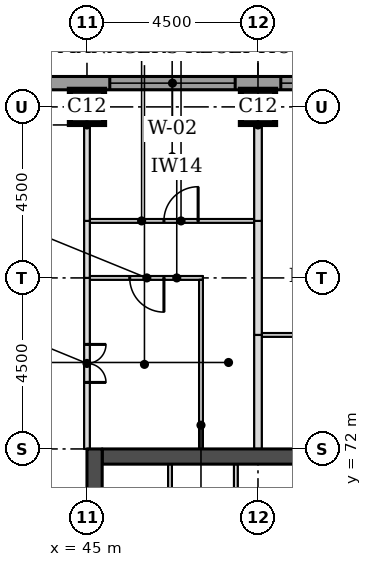
"""IFC4 building model, lengths in metres.
Left out: names, types, materials, properties, quantities, classifications, styles, units other than length and angle.
Written with IfcOpenShell. Run it as: python <this file> out.ifc"""

import sys

from ifc_helpers import new_model, si_unit, direction, frame, frame_2d, origin, origin_2d, place, context, subcontext, project, spatial, rectangle, extrude, element, fill, save


model = new_model("IFC4")
c1 = context("Model", 3, precision=1e-05, world=origin(), true_north=direction((0.0, 1.0)))
c2 = subcontext(c1, "Body", "Model", "MODEL_VIEW")
j1 = project(units=[si_unit("LENGTHUNIT", "METRE"), si_unit("PLANEANGLEUNIT", "RADIAN")], contexts=[c1])
p1 = place(None, origin())
s1 = spatial("IfcSite", under=j1, at=p1, CompositionType="ELEMENT")
p2 = place(p1, origin())
s2 = spatial("IfcBuilding", under=s1, at=p2, CompositionType="ELEMENT")
p3 = place(p2, frame((0.0, 0.0, 184.7)))
s3 = spatial("IfcBuildingStorey", under=s2, at=p3, CompositionType="ELEMENT", Elevation=184.7)
for number, where, z_axis, x_axis in (
    (1, (45.0, 81.0, 0.0), (0.0, 0.0, 1.0), (1.0, 0.0, 0.0)),
    (2, (49.5, 81.0, 0.0), (0.0, 0.0, 1.0), (1.0, 0.0, 0.0)),
):
    element("IfcColumn", number, at=place(p3, frame(where, z_axis=z_axis, x_axis=x_axis)), inside=s3, PredefinedType="COLUMN", context=c2, shape_type="SweptSolid", body=[
        extrude(rectangle(XDim=0.9, YDim=0.9, at=origin_2d()), origin(), (0.0, 0.0, 1.0), 3.7),
    ])
p4 = place(p3, frame((45.4, 71.8, 0.0), z_axis=(0.0, 0.0, 1.0), x_axis=(1.0, 0.0, 0.0)))
e3 = element("IfcWall", 3, at=p4, inside=s3, PredefinedType="SHEAR", context=c2, shape_type="SweptSolid", body=[
    extrude(rectangle(XDim=21.7, YDim=0.4, at=frame_2d((10.85, 0.0))), origin(), (0.0, 0.0, 1.0), 3.7),
])
p5 = place(p3, frame((45.2, 49.5, 0.0), z_axis=(0.0, 0.0, 1.0), x_axis=(0.0, 1.0, 0.0)))
e4 = element("IfcWall", 4, at=p5, inside=s3, PredefinedType="SHEAR", context=c2, shape_type="SweptSolid", body=[
    extrude(rectangle(XDim=22.5, YDim=0.4, at=frame_2d((11.25, 0.0))), origin(), (0.0, 0.0, 1.0), 3.7),
])
p6 = place(p5, frame((4.2, 0.0, 0.0)))
e5 = element("IfcOpeningElement", 5, at=p6, cuts=e4, PredefinedType="OPENING", context=c2, shape_type="SweptSolid", body=[
    extrude(rectangle(XDim=1.8, YDim=2.1, at=frame_2d((0.9, 1.05))), frame((0.0, 0.21, 0.0), z_axis=(0.0, -1.0, 0.0), x_axis=(1.0, 0.0, 0.0)), (0.0, 0.0, 1.0), 0.42),
])
p7 = place(p5, frame((6.9, 0.0, 0.0)))
e6 = element("IfcOpeningElement", 6, at=p7, cuts=e4, PredefinedType="OPENING", context=c2, shape_type="SweptSolid", body=[
    extrude(rectangle(XDim=1.1, YDim=2.1, at=frame_2d((0.55, 1.05))), frame((0.0, 0.21, 0.0), z_axis=(0.0, -1.0, 0.0), x_axis=(1.0, 0.0, 0.0)), (0.0, 0.0, 1.0), 0.42),
])
p8 = place(p5, frame((13.6, 0.0, 0.0)))
e7 = element("IfcOpeningElement", 7, at=p8, cuts=e4, PredefinedType="OPENING", context=c2, shape_type="SweptSolid", body=[
    extrude(rectangle(XDim=1.1, YDim=2.1, at=frame_2d((0.55, 1.05))), frame((0.0, 0.21, 0.0), z_axis=(0.0, -1.0, 0.0), x_axis=(1.0, 0.0, 0.0)), (0.0, 0.0, 1.0), 0.42),
])
p9 = place(p5, frame((16.5, 0.0, 0.0)))
e8 = element("IfcOpeningElement", 8, at=p9, cuts=e4, PredefinedType="OPENING", context=c2, shape_type="SweptSolid", body=[
    extrude(rectangle(XDim=1.8, YDim=2.1, at=frame_2d((0.9, 1.05))), frame((0.0, 0.21, 0.0), z_axis=(0.0, -1.0, 0.0), x_axis=(1.0, 0.0, 0.0)), (0.0, 0.0, 1.0), 0.42),
])
p10 = place(p3, frame((72.331, 81.625, 0.0), z_axis=(0.0, 0.0, 1.0), x_axis=(-1.0, 0.0, 0.0)))
e9 = element("IfcWall", 9, at=p10, inside=s3, PredefinedType="STANDARD", context=c2, shape_type="SweptSolid", body=[
    extrude(rectangle(XDim=32.163, YDim=0.35, at=frame_2d((16.081, 0.0))), origin(), (0.0, 0.0, 1.0), 3.525),
])
p11 = place(p10, frame((5.431, 0.0, 0.9)))
e10 = element("IfcOpeningElement", 10, at=p11, cuts=e9, PredefinedType="OPENING", context=c2, shape_type="SweptSolid", body=[
    extrude(rectangle(XDim=3.3, YDim=1.9, at=frame_2d((1.65, 0.95))), frame((0.0, 0.185, 0.0), z_axis=(0.0, -1.0, 0.0), x_axis=(1.0, 0.0, 0.0)), (0.0, 0.0, 1.0), 0.37),
])
p12 = place(p10, frame((9.931, 0.0, 0.9)))
e11 = element("IfcOpeningElement", 11, at=p12, cuts=e9, PredefinedType="OPENING", context=c2, shape_type="SweptSolid", body=[
    extrude(rectangle(XDim=3.3, YDim=1.9, at=frame_2d((1.65, 0.95))), frame((0.0, 0.185, 0.0), z_axis=(0.0, -1.0, 0.0), x_axis=(1.0, 0.0, 0.0)), (0.0, 0.0, 1.0), 0.37),
])
p13 = place(p10, frame((14.431, 0.0, 0.9)))
e12 = element("IfcOpeningElement", 12, at=p13, cuts=e9, PredefinedType="OPENING", context=c2, shape_type="SweptSolid", body=[
    extrude(rectangle(XDim=3.3, YDim=1.9, at=frame_2d((1.65, 0.95))), frame((0.0, 0.185, 0.0), z_axis=(0.0, -1.0, 0.0), x_axis=(1.0, 0.0, 0.0)), (0.0, 0.0, 1.0), 0.37),
])
p14 = place(p10, frame((18.931, 0.0, 0.9)))
e13 = element("IfcOpeningElement", 13, at=p14, cuts=e9, PredefinedType="OPENING", context=c2, shape_type="SweptSolid", body=[
    extrude(rectangle(XDim=3.3, YDim=1.9, at=frame_2d((1.65, 0.95))), frame((0.0, 0.185, 0.0), z_axis=(0.0, -1.0, 0.0), x_axis=(1.0, 0.0, 0.0)), (0.0, 0.0, 1.0), 0.37),
])
p15 = place(p10, frame((23.431, 0.0, 0.9)))
e14 = element("IfcOpeningElement", 14, at=p15, cuts=e9, PredefinedType="OPENING", context=c2, shape_type="SweptSolid", body=[
    extrude(rectangle(XDim=3.3, YDim=1.9, at=frame_2d((1.65, 0.95))), frame((0.0, 0.185, 0.0), z_axis=(0.0, -1.0, 0.0), x_axis=(1.0, 0.0, 0.0)), (0.0, 0.0, 1.0), 0.37),
])
p16 = place(p3, frame((49.6, 75.0, 0.0), z_axis=(0.0, 0.0, 1.0), x_axis=(1.0, 0.0, 0.0)))
e15 = element("IfcWall", 15, at=p16, inside=s3, PredefinedType="PARTITIONING", context=c2, shape_type="SweptSolid", body=[
    extrude(rectangle(XDim=4.4, YDim=0.1, at=frame_2d((2.2, 0.0))), origin(), (0.0, 0.0, 1.0), 3.55),
])
p17 = place(p16, frame((1.75, 0.0, 0.0)))
e16 = element("IfcOpeningElement", 16, at=p17, cuts=e15, PredefinedType="OPENING", context=c2, shape_type="SweptSolid", body=[
    extrude(rectangle(XDim=0.9, YDim=2.1, at=frame_2d((0.45, 1.05))), frame((0.0, 0.06, 0.0), z_axis=(0.0, -1.0, 0.0), x_axis=(1.0, 0.0, 0.0)), (0.0, 0.0, 1.0), 0.12),
])
p18 = place(p3, frame((45.075, 76.5, 0.0), z_axis=(0.0, 0.0, 1.0), x_axis=(1.0, 0.0, 0.0)))
e17 = element("IfcWall", 17, at=p18, inside=s3, PredefinedType="PARTITIONING", context=c2, shape_type="SweptSolid", body=[
    extrude(rectangle(XDim=2.975, YDim=0.1, at=frame_2d((1.488, 0.0))), origin(), (0.0, 0.0, 1.0), 3.55),
])
p19 = place(p18, frame((1.05, 0.0, 0.0)))
e18 = element("IfcOpeningElement", 18, at=p19, cuts=e17, PredefinedType="OPENING", context=c2, shape_type="SweptSolid", body=[
    extrude(rectangle(XDim=0.9, YDim=2.1, at=frame_2d((0.45, 1.05))), frame((0.0, 0.06, 0.0), z_axis=(0.0, -1.0, 0.0), x_axis=(1.0, 0.0, 0.0)), (0.0, 0.0, 1.0), 0.12),
])
p20 = place(p3, frame((45.075, 78.0, 0.0), z_axis=(0.0, 0.0, 1.0), x_axis=(1.0, 0.0, 0.0)))
e19 = element("IfcWall", 19, at=p20, inside=s3, PredefinedType="PARTITIONING", context=c2, shape_type="SweptSolid", body=[
    extrude(rectangle(XDim=4.325, YDim=0.1, at=frame_2d((2.163, 0.0))), origin(), (0.0, 0.0, 1.0), 3.55),
])
p21 = place(p20, frame((1.95, 0.0, 0.0)))
e20 = element("IfcOpeningElement", 20, at=p21, cuts=e19, PredefinedType="OPENING", context=c2, shape_type="SweptSolid", body=[
    extrude(rectangle(XDim=0.9, YDim=2.1, at=frame_2d((0.45, 1.05))), frame((0.0, 0.06, 0.0), z_axis=(0.0, -1.0, 0.0), x_axis=(1.0, 0.0, 0.0)), (0.0, 0.0, 1.0), 0.12),
])
p22 = place(p3, frame((45.0, 72.0, 0.0), z_axis=(0.0, 0.0, 1.0), x_axis=(0.0, 1.0, 0.0)))
e21 = element("IfcWall", 21, at=p22, inside=s3, PredefinedType="PARTITIONING", context=c2, shape_type="SweptSolid", body=[
    extrude(rectangle(XDim=4.5, YDim=0.15, at=frame_2d((2.25, 0.0))), origin(), (0.0, 0.0, 1.0), 3.022),
])
p23 = place(p22, frame((1.75, 0.0, 0.0)))
e22 = element("IfcOpeningElement", 22, at=p23, cuts=e21, PredefinedType="OPENING", context=c2, shape_type="SweptSolid", body=[
    extrude(rectangle(XDim=1.0, YDim=2.1, at=frame_2d((0.5, 1.05))), frame((0.0, 0.085, 0.0), z_axis=(0.0, -1.0, 0.0), x_axis=(1.0, 0.0, 0.0)), (0.0, 0.0, 1.0), 0.17),
])
p24 = place(p3, frame((48.0, 72.0, 0.0), z_axis=(0.0, 0.0, 1.0), x_axis=(0.0, 1.0, 0.0)))
e23 = element("IfcWall", 23, at=p24, inside=s3, PredefinedType="PARTITIONING", context=c2, shape_type="SweptSolid", body=[
    extrude(rectangle(XDim=4.45, YDim=0.1, at=frame_2d((2.225, 0.0))), origin(), (0.0, 0.0, 1.0), 3.55),
])
for number, where, z_axis, x_axis in (
    (24, (49.5, 72.0, 0.0), (0.0, 0.0, 1.0), (0.0, 1.0, 0.0)),
    (25, (49.5, 75.0, 0.0), (0.0, 0.0, 1.0), (0.0, 1.0, 0.0)),
):
    element("IfcWall", number, at=place(p3, frame(where, z_axis=z_axis, x_axis=x_axis)), inside=s3, PredefinedType="PARTITIONING", context=c2, shape_type="SweptSolid", body=[
        extrude(rectangle(XDim=3.0, YDim=0.2, at=frame_2d((1.5, 0.0))), origin(), (0.0, 0.0, 1.0), 3.55),
    ])
p25 = place(p3, frame((45.0, 76.5, 0.0), z_axis=(0.0, 0.0, 1.0), x_axis=(0.0, 1.0, 0.0)))
e26 = element("IfcWall", 26, at=p25, inside=s3, PredefinedType="PARTITIONING", context=c2, shape_type="SweptSolid", body=[
    extrude(rectangle(XDim=1.5, YDim=0.15, at=frame_2d((0.75, 0.0))), origin(), (0.0, 0.0, 1.0), 3.022),
])
p26 = place(p3, frame((45.0, 78.0, 0.0), z_axis=(0.0, 0.0, 1.0), x_axis=(0.0, 1.0, 0.0)))
e27 = element("IfcWall", 27, at=p26, inside=s3, PredefinedType="PARTITIONING", context=c2, shape_type="SweptSolid", body=[
    extrude(rectangle(XDim=3.45, YDim=0.15, at=frame_2d((1.725, 0.0))), origin(), (0.0, 0.0, 1.0), 3.022),
])
p27 = place(p3, frame((49.5, 78.0, 0.0), z_axis=(0.0, 0.0, 1.0), x_axis=(0.0, 1.0, 0.0)))
e28 = element("IfcWall", 28, at=p27, inside=s3, PredefinedType="PARTITIONING", context=c2, shape_type="SweptSolid", body=[
    extrude(rectangle(XDim=3.45, YDim=0.2, at=frame_2d((1.725, 0.0))), origin(), (0.0, 0.0, 1.0), 3.55),
])
for number, where, z_axis, x_axis in (
    (29, (47.185, 68.5, 0.0), (0.0, 0.0, 1.0), (0.0, 1.0, 0.0)),
    (30, (48.917, 68.5, 0.0), (0.0, 0.0, 1.0), (0.0, 1.0, 0.0)),
):
    element("IfcWall", number, at=place(p3, frame(where, z_axis=z_axis, x_axis=x_axis)), inside=s3, PredefinedType="PARTITIONING", context=c2, shape_type="SweptSolid", body=[
        extrude(rectangle(XDim=3.1, YDim=0.1, at=frame_2d((1.55, 0.0))), origin(), (0.0, 0.0, 1.0), 3.55),
    ])
p28 = place(p14, origin())
e31 = element("IfcWindow", 31, at=p28, inside=s3, PartitioningType="SINGLE_PANEL", PredefinedType="WINDOW", context=c2, shape_type="SweptSolid", body=[
    extrude(rectangle(XDim=3.3, YDim=1.9, at=frame_2d((1.65, 0.95))), frame((0.0, 0.085, 0.0), z_axis=(0.0, -1.0, 0.0), x_axis=(1.0, 0.0, 0.0)), (0.0, 0.0, 1.0), 0.06),
])
fill(e13, e31)
p29 = place(p15, origin())
e32 = element("IfcWindow", 32, at=p29, inside=s3, PartitioningType="SINGLE_PANEL", PredefinedType="WINDOW", context=c2, shape_type="SweptSolid", body=[
    extrude(rectangle(XDim=3.3, YDim=1.9, at=frame_2d((1.65, 0.95))), frame((0.0, 0.085, 0.0), z_axis=(0.0, -1.0, 0.0), x_axis=(1.0, 0.0, 0.0)), (0.0, 0.0, 1.0), 0.06),
])
fill(e14, e32)
p30 = place(p23, frame((1.0, 0.0, 0.0), z_axis=(0.0, 0.0, 1.0), x_axis=(-1.0, 0.0, 0.0)))
e33 = element("IfcDoor", 33, at=p30, inside=s3, OperationType="DOUBLE_DOOR_SINGLE_SWING", PredefinedType="DOOR", context=c2, shape_type="SweptSolid", body=[
    extrude(rectangle(XDim=1.0, YDim=2.1, at=frame_2d((0.5, 1.05))), frame((0.0, 0.025, 0.0), z_axis=(0.0, -1.0, 0.0), x_axis=(1.0, 0.0, 0.0)), (0.0, 0.0, 1.0), 0.05),
])
fill(e22, e33)
p31 = place(p19, frame((0.9, 0.0, 0.0), z_axis=(0.0, 0.0, 1.0), x_axis=(-1.0, 0.0, 0.0)))
e34 = element("IfcDoor", 34, at=p31, inside=s3, OperationType="SINGLE_SWING_LEFT", PredefinedType="DOOR", context=c2, shape_type="SweptSolid", body=[
    extrude(rectangle(XDim=0.9, YDim=2.1, at=frame_2d((0.45, 1.05))), frame((0.0, 0.025, 0.0), z_axis=(0.0, -1.0, 0.0), x_axis=(1.0, 0.0, 0.0)), (0.0, 0.0, 1.0), 0.05),
])
fill(e18, e34)
p32 = place(p21, origin())
e35 = element("IfcDoor", 35, at=p32, inside=s3, OperationType="SINGLE_SWING_RIGHT", PredefinedType="DOOR", context=c2, shape_type="SweptSolid", body=[
    extrude(rectangle(XDim=0.9, YDim=2.1, at=frame_2d((0.45, 1.05))), frame((0.0, 0.025, 0.0), z_axis=(0.0, -1.0, 0.0), x_axis=(1.0, 0.0, 0.0)), (0.0, 0.0, 1.0), 0.05),
])
fill(e20, e35)
save(model, sys.argv[1])

▶ _WORK TO COMPLETE_
Find the word "fill" in the entries and show each line where it is found.

▶ _REPLY_
from ifc_helpers import new_model, si_unit, direction, frame, frame_2d, origin, origin_2d, place, context, subcontext, project, spatial, rectangle, extrude, element, fill, save
fill(e13, e31)
fill(e14, e32)
fill(e22, e33)
fill(e18, e34)
fill(e20, e35)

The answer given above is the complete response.